→ Data records:
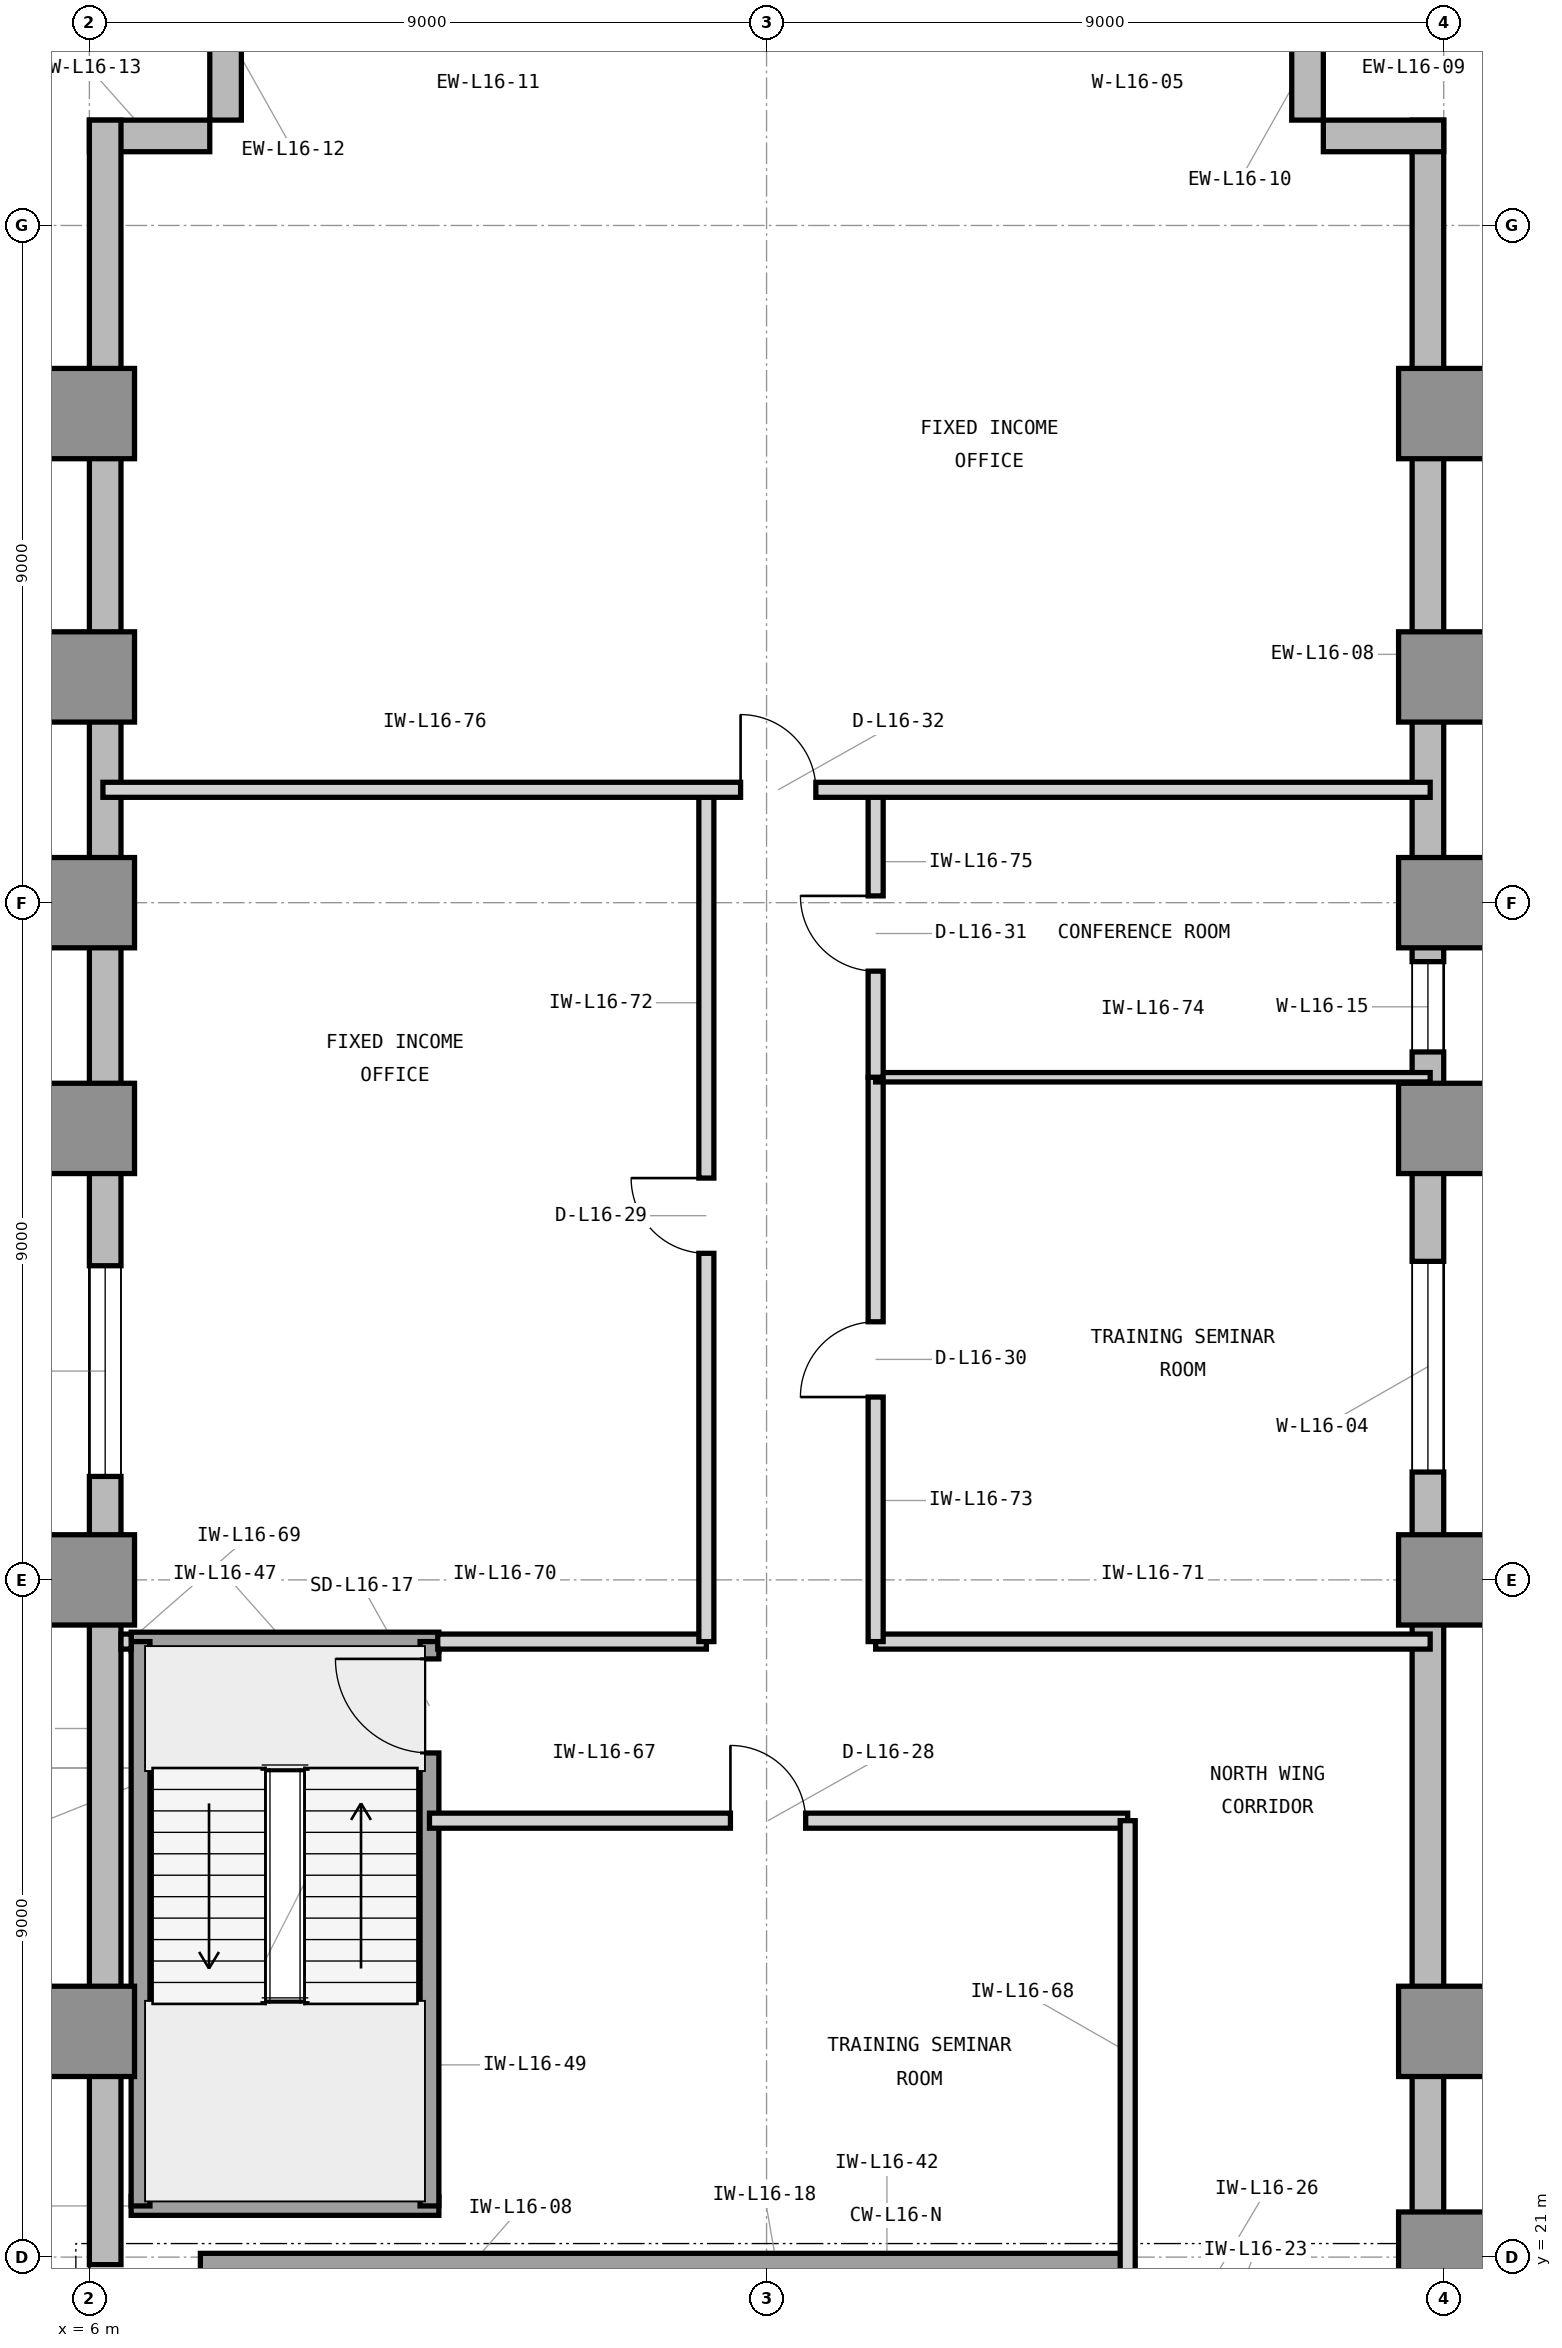
"""IFC4 building model, lengths in metres.
Left out: names, types, materials, properties, quantities, classifications, styles, units other than length and angle.
Written with IfcOpenShell. Run it as: python <this file> out.ifc"""

import sys

from ifc_helpers import new_model, si_unit, direction, frame, frame_2d, origin, origin_2d, place, context, subcontext, project, spatial, rectangle, extrude, element, fill, save


model = new_model("IFC4")
c1 = context("Model", 3, precision=1e-05, world=origin(), true_north=direction((0.0, 1.0)))
c2 = subcontext(c1, "Body", "Model", "MODEL_VIEW")
j1 = project(units=[si_unit("LENGTHUNIT", "METRE"), si_unit("PLANEANGLEUNIT", "RADIAN")], contexts=[c1])
p1 = place(None, origin())
s1 = spatial("IfcSite", under=j1, at=p1, CompositionType="ELEMENT")
p2 = place(p1, origin())
s2 = spatial("IfcBuilding", under=s1, at=p2, CompositionType="ELEMENT")
p3 = place(p2, frame((0.0, 0.0, 72.0)))
s3 = spatial("IfcBuildingStorey", under=s2, at=p3, CompositionType="ELEMENT", Elevation=72.0)
p4 = place(p3, frame((7.475, 20.65, 0.0), z_axis=(0.0, 0.0, 1.0), x_axis=(1.0, 0.0, 0.0)))
e1 = element("IfcWall", 1, at=p4, inside=s3, PredefinedType="SHEAR", context=c2, shape_type="SweptSolid", body=[
    extrude(rectangle(XDim=12.325, YDim=0.8, at=frame_2d((6.163, 0.0))), origin(), (0.0, 0.0, 1.0), 4.2),
])
for number, where, z_axis, x_axis in (
    (2, (24.0, 21.0, 0.0), (0.0, 0.0, 1.0), (1.0, 0.0, 0.0)),
    (3, (6.0, 24.0, 0.0), (0.0, 0.0, 1.0), (1.0, 0.0, 0.0)),
    (4, (24.0, 24.0, 0.0), (0.0, 0.0, 1.0), (1.0, 0.0, 0.0)),
    (5, (6.0, 30.0, 0.0), (0.0, 0.0, 1.0), (1.0, 0.0, 0.0)),
    (6, (24.0, 30.0, 0.0), (0.0, 0.0, 1.0), (1.0, 0.0, 0.0)),
    (7, (6.0, 36.0, 0.0), (0.0, 0.0, 1.0), (1.0, 0.0, 0.0)),
    (8, (24.0, 36.0, 0.0), (0.0, 0.0, 1.0), (1.0, 0.0, 0.0)),
    (9, (6.0, 39.0, 0.0), (0.0, 0.0, 1.0), (1.0, 0.0, 0.0)),
    (10, (24.0, 39.0, 0.0), (0.0, 0.0, 1.0), (1.0, 0.0, 0.0)),
    (11, (6.0, 42.0, 0.0), (0.0, 0.0, 1.0), (1.0, 0.0, 0.0)),
    (12, (24.0, 42.0, 0.0), (0.0, 0.0, 1.0), (1.0, 0.0, 0.0)),
    (13, (6.0, 45.5, 0.0), (0.0, 0.0, 1.0), (1.0, 0.0, 0.0)),
    (14, (24.0, 45.5, 0.0), (0.0, 0.0, 1.0), (1.0, 0.0, 0.0)),
):
    element("IfcColumn", number, at=place(p3, frame(where, z_axis=z_axis, x_axis=x_axis)), inside=s3, PredefinedType="COLUMN", context=c2, shape_type="SweptSolid", body=[
        extrude(rectangle(XDim=1.2, YDim=1.2, at=origin_2d()), origin(), (0.0, 0.0, 1.0), 4.2),
    ])
p5 = place(p3, frame((64.4, 20.79, 0.0), z_axis=(0.0, 0.0, 1.0), x_axis=(-1.0, 0.0, 0.0)))
e15 = element("IfcWall", 15, at=p5, inside=s3, PredefinedType="STANDARD", context=c2, shape_type="SweptSolid", body=[
    extrude(rectangle(XDim=40.4, YDim=0.42, at=frame_2d((20.2, 0.0))), origin(), (0.0, 0.0, 1.0), 3.98),
])
p6 = place(p5, frame((26.375, 0.0, 0.85)))
e16 = element("IfcOpeningElement", 16, at=p6, cuts=e15, PredefinedType="OPENING", context=c2, shape_type="SweptSolid", body=[
    extrude(rectangle(XDim=2.8, YDim=2.45, at=frame_2d((1.4, 1.225))), frame((0.0, 0.22, 0.0), z_axis=(0.0, -1.0, 0.0), x_axis=(1.0, 0.0, 0.0)), (0.0, 0.0, 1.0), 0.44),
])
p7 = place(p5, frame((38.222, 0.0, 0.85)))
e17 = element("IfcOpeningElement", 17, at=p7, cuts=e15, PredefinedType="OPENING", context=c2, shape_type="SweptSolid", body=[
    extrude(rectangle(XDim=1.2, YDim=2.45, at=frame_2d((0.6, 1.225))), frame((0.0, 0.22, 0.0), z_axis=(0.0, -1.0, 0.0), x_axis=(1.0, 0.0, 0.0)), (0.0, 0.0, 1.0), 0.44),
])
p8 = place(p5, frame((32.536, 0.0, 0.85)))
e18 = element("IfcOpeningElement", 18, at=p8, cuts=e15, PredefinedType="OPENING", context=c2, shape_type="SweptSolid", body=[
    extrude(rectangle(XDim=2.8, YDim=2.45, at=frame_2d((1.4, 1.225))), frame((0.0, 0.22, 0.0), z_axis=(0.0, -1.0, 0.0), x_axis=(1.0, 0.0, 0.0)), (0.0, 0.0, 1.0), 0.44),
])
p9 = place(p5, frame((17.386, 0.0, 0.85)))
e19 = element("IfcOpeningElement", 19, at=p9, cuts=e15, PredefinedType="OPENING", context=c2, shape_type="SweptSolid", body=[
    extrude(rectangle(XDim=2.8, YDim=2.45, at=frame_2d((1.4, 1.225))), frame((0.0, 0.22, 0.0), z_axis=(0.0, -1.0, 0.0), x_axis=(1.0, 0.0, 0.0)), (0.0, 0.0, 1.0), 0.44),
])
p10 = place(p3, frame((23.79, 21.0, 0.0), z_axis=(0.0, 0.0, 1.0), x_axis=(0.0, 1.0, 0.0)))
e20 = element("IfcWall", 20, at=p10, inside=s3, PredefinedType="STANDARD", context=c2, shape_type="SweptSolid", body=[
    extrude(rectangle(XDim=28.4, YDim=0.42, at=frame_2d((14.2, 0.0))), origin(), (0.0, 0.0, 1.0), 3.98),
])
p11 = place(p10, frame((10.433, 0.0, 0.85)))
e21 = element("IfcOpeningElement", 21, at=p11, cuts=e20, PredefinedType="OPENING", context=c2, shape_type="SweptSolid", body=[
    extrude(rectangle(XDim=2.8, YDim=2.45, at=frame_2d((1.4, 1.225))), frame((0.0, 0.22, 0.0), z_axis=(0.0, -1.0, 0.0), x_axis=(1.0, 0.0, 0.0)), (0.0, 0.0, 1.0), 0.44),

→ REQUIRED ACTION: Above are the records; give them all again exactly, apart from the pictures.

→ EXERCISE ANSWER:
"""IFC4 building model, lengths in metres.
Left out: names, types, materials, properties, quantities, classifications, styles, units other than length and angle.
Written with IfcOpenShell. Run it as: python <this file> out.ifc"""

import sys

from ifc_helpers import new_model, si_unit, direction, frame, frame_2d, origin, origin_2d, place, context, subcontext, project, spatial, rectangle, extrude, element, fill, save


model = new_model("IFC4")
c1 = context("Model", 3, precision=1e-05, world=origin(), true_north=direction((0.0, 1.0)))
c2 = subcontext(c1, "Body", "Model", "MODEL_VIEW")
j1 = project(units=[si_unit("LENGTHUNIT", "METRE"), si_unit("PLANEANGLEUNIT", "RADIAN")], contexts=[c1])
p1 = place(None, origin())
s1 = spatial("IfcSite", under=j1, at=p1, CompositionType="ELEMENT")
p2 = place(p1, origin())
s2 = spatial("IfcBuilding", under=s1, at=p2, CompositionType="ELEMENT")
p3 = place(p2, frame((0.0, 0.0, 72.0)))
s3 = spatial("IfcBuildingStorey", under=s2, at=p3, CompositionType="ELEMENT", Elevation=72.0)
p4 = place(p3, frame((7.475, 20.65, 0.0), z_axis=(0.0, 0.0, 1.0), x_axis=(1.0, 0.0, 0.0)))
e1 = element("IfcWall", 1, at=p4, inside=s3, PredefinedType="SHEAR", context=c2, shape_type="SweptSolid", body=[
    extrude(rectangle(XDim=12.325, YDim=0.8, at=frame_2d((6.163, 0.0))), origin(), (0.0, 0.0, 1.0), 4.2),
])
for number, where, z_axis, x_axis in (
    (2, (24.0, 21.0, 0.0), (0.0, 0.0, 1.0), (1.0, 0.0, 0.0)),
    (3, (6.0, 24.0, 0.0), (0.0, 0.0, 1.0), (1.0, 0.0, 0.0)),
    (4, (24.0, 24.0, 0.0), (0.0, 0.0, 1.0), (1.0, 0.0, 0.0)),
    (5, (6.0, 30.0, 0.0), (0.0, 0.0, 1.0), (1.0, 0.0, 0.0)),
    (6, (24.0, 30.0, 0.0), (0.0, 0.0, 1.0), (1.0, 0.0, 0.0)),
    (7, (6.0, 36.0, 0.0), (0.0, 0.0, 1.0), (1.0, 0.0, 0.0)),
    (8, (24.0, 36.0, 0.0), (0.0, 0.0, 1.0), (1.0, 0.0, 0.0)),
    (9, (6.0, 39.0, 0.0), (0.0, 0.0, 1.0), (1.0, 0.0, 0.0)),
    (10, (24.0, 39.0, 0.0), (0.0, 0.0, 1.0), (1.0, 0.0, 0.0)),
    (11, (6.0, 42.0, 0.0), (0.0, 0.0, 1.0), (1.0, 0.0, 0.0)),
    (12, (24.0, 42.0, 0.0), (0.0, 0.0, 1.0), (1.0, 0.0, 0.0)),
    (13, (6.0, 45.5, 0.0), (0.0, 0.0, 1.0), (1.0, 0.0, 0.0)),
    (14, (24.0, 45.5, 0.0), (0.0, 0.0, 1.0), (1.0, 0.0, 0.0)),
):
    element("IfcColumn", number, at=place(p3, frame(where, z_axis=z_axis, x_axis=x_axis)), inside=s3, PredefinedType="COLUMN", context=c2, shape_type="SweptSolid", body=[
        extrude(rectangle(XDim=1.2, YDim=1.2, at=origin_2d()), origin(), (0.0, 0.0, 1.0), 4.2),
    ])
p5 = place(p3, frame((64.4, 20.79, 0.0), z_axis=(0.0, 0.0, 1.0), x_axis=(-1.0, 0.0, 0.0)))
e15 = element("IfcWall", 15, at=p5, inside=s3, PredefinedType="STANDARD", context=c2, shape_type="SweptSolid", body=[
    extrude(rectangle(XDim=40.4, YDim=0.42, at=frame_2d((20.2, 0.0))), origin(), (0.0, 0.0, 1.0), 3.98),
])
p6 = place(p5, frame((26.375, 0.0, 0.85)))
e16 = element("IfcOpeningElement", 16, at=p6, cuts=e15, PredefinedType="OPENING", context=c2, shape_type="SweptSolid", body=[
    extrude(rectangle(XDim=2.8, YDim=2.45, at=frame_2d((1.4, 1.225))), frame((0.0, 0.22, 0.0), z_axis=(0.0, -1.0, 0.0), x_axis=(1.0, 0.0, 0.0)), (0.0, 0.0, 1.0), 0.44),
])
p7 = place(p5, frame((38.222, 0.0, 0.85)))
e17 = element("IfcOpeningElement", 17, at=p7, cuts=e15, PredefinedType="OPENING", context=c2, shape_type="SweptSolid", body=[
    extrude(rectangle(XDim=1.2, YDim=2.45, at=frame_2d((0.6, 1.225))), frame((0.0, 0.22, 0.0), z_axis=(0.0, -1.0, 0.0), x_axis=(1.0, 0.0, 0.0)), (0.0, 0.0, 1.0), 0.44),
])
p8 = place(p5, frame((32.536, 0.0, 0.85)))
e18 = element("IfcOpeningElement", 18, at=p8, cuts=e15, PredefinedType="OPENING", context=c2, shape_type="SweptSolid", body=[
    extrude(rectangle(XDim=2.8, YDim=2.45, at=frame_2d((1.4, 1.225))), frame((0.0, 0.22, 0.0), z_axis=(0.0, -1.0, 0.0), x_axis=(1.0, 0.0, 0.0)), (0.0, 0.0, 1.0), 0.44),
])
p9 = place(p5, frame((17.386, 0.0, 0.85)))
e19 = element("IfcOpeningElement", 19, at=p9, cuts=e15, PredefinedType="OPENING", context=c2, shape_type="SweptSolid", body=[
    extrude(rectangle(XDim=2.8, YDim=2.45, at=frame_2d((1.4, 1.225))), frame((0.0, 0.22, 0.0), z_axis=(0.0, -1.0, 0.0), x_axis=(1.0, 0.0, 0.0)), (0.0, 0.0, 1.0), 0.44),
])
p10 = place(p3, frame((23.79, 21.0, 0.0), z_axis=(0.0, 0.0, 1.0), x_axis=(0.0, 1.0, 0.0)))
e20 = element("IfcWall", 20, at=p10, inside=s3, PredefinedType="STANDARD", context=c2, shape_type="SweptSolid", body=[
    extrude(rectangle(XDim=28.4, YDim=0.42, at=frame_2d((14.2, 0.0))), origin(), (0.0, 0.0, 1.0), 3.98),
])
p11 = place(p10, frame((10.433, 0.0, 0.85)))
e21 = element("IfcOpeningElement", 21, at=p11, cuts=e20, PredefinedType="OPENING", context=c2, shape_type="SweptSolid", body=[
    extrude(rectangle(XDim=2.8, YDim=2.45, at=frame_2d((1.4, 1.225))), frame((0.0, 0.22, 0.0), z_axis=(0.0, -1.0, 0.0), x_axis=(1.0, 0.0, 0.0)), (0.0, 0.0, 1.0), 0.44),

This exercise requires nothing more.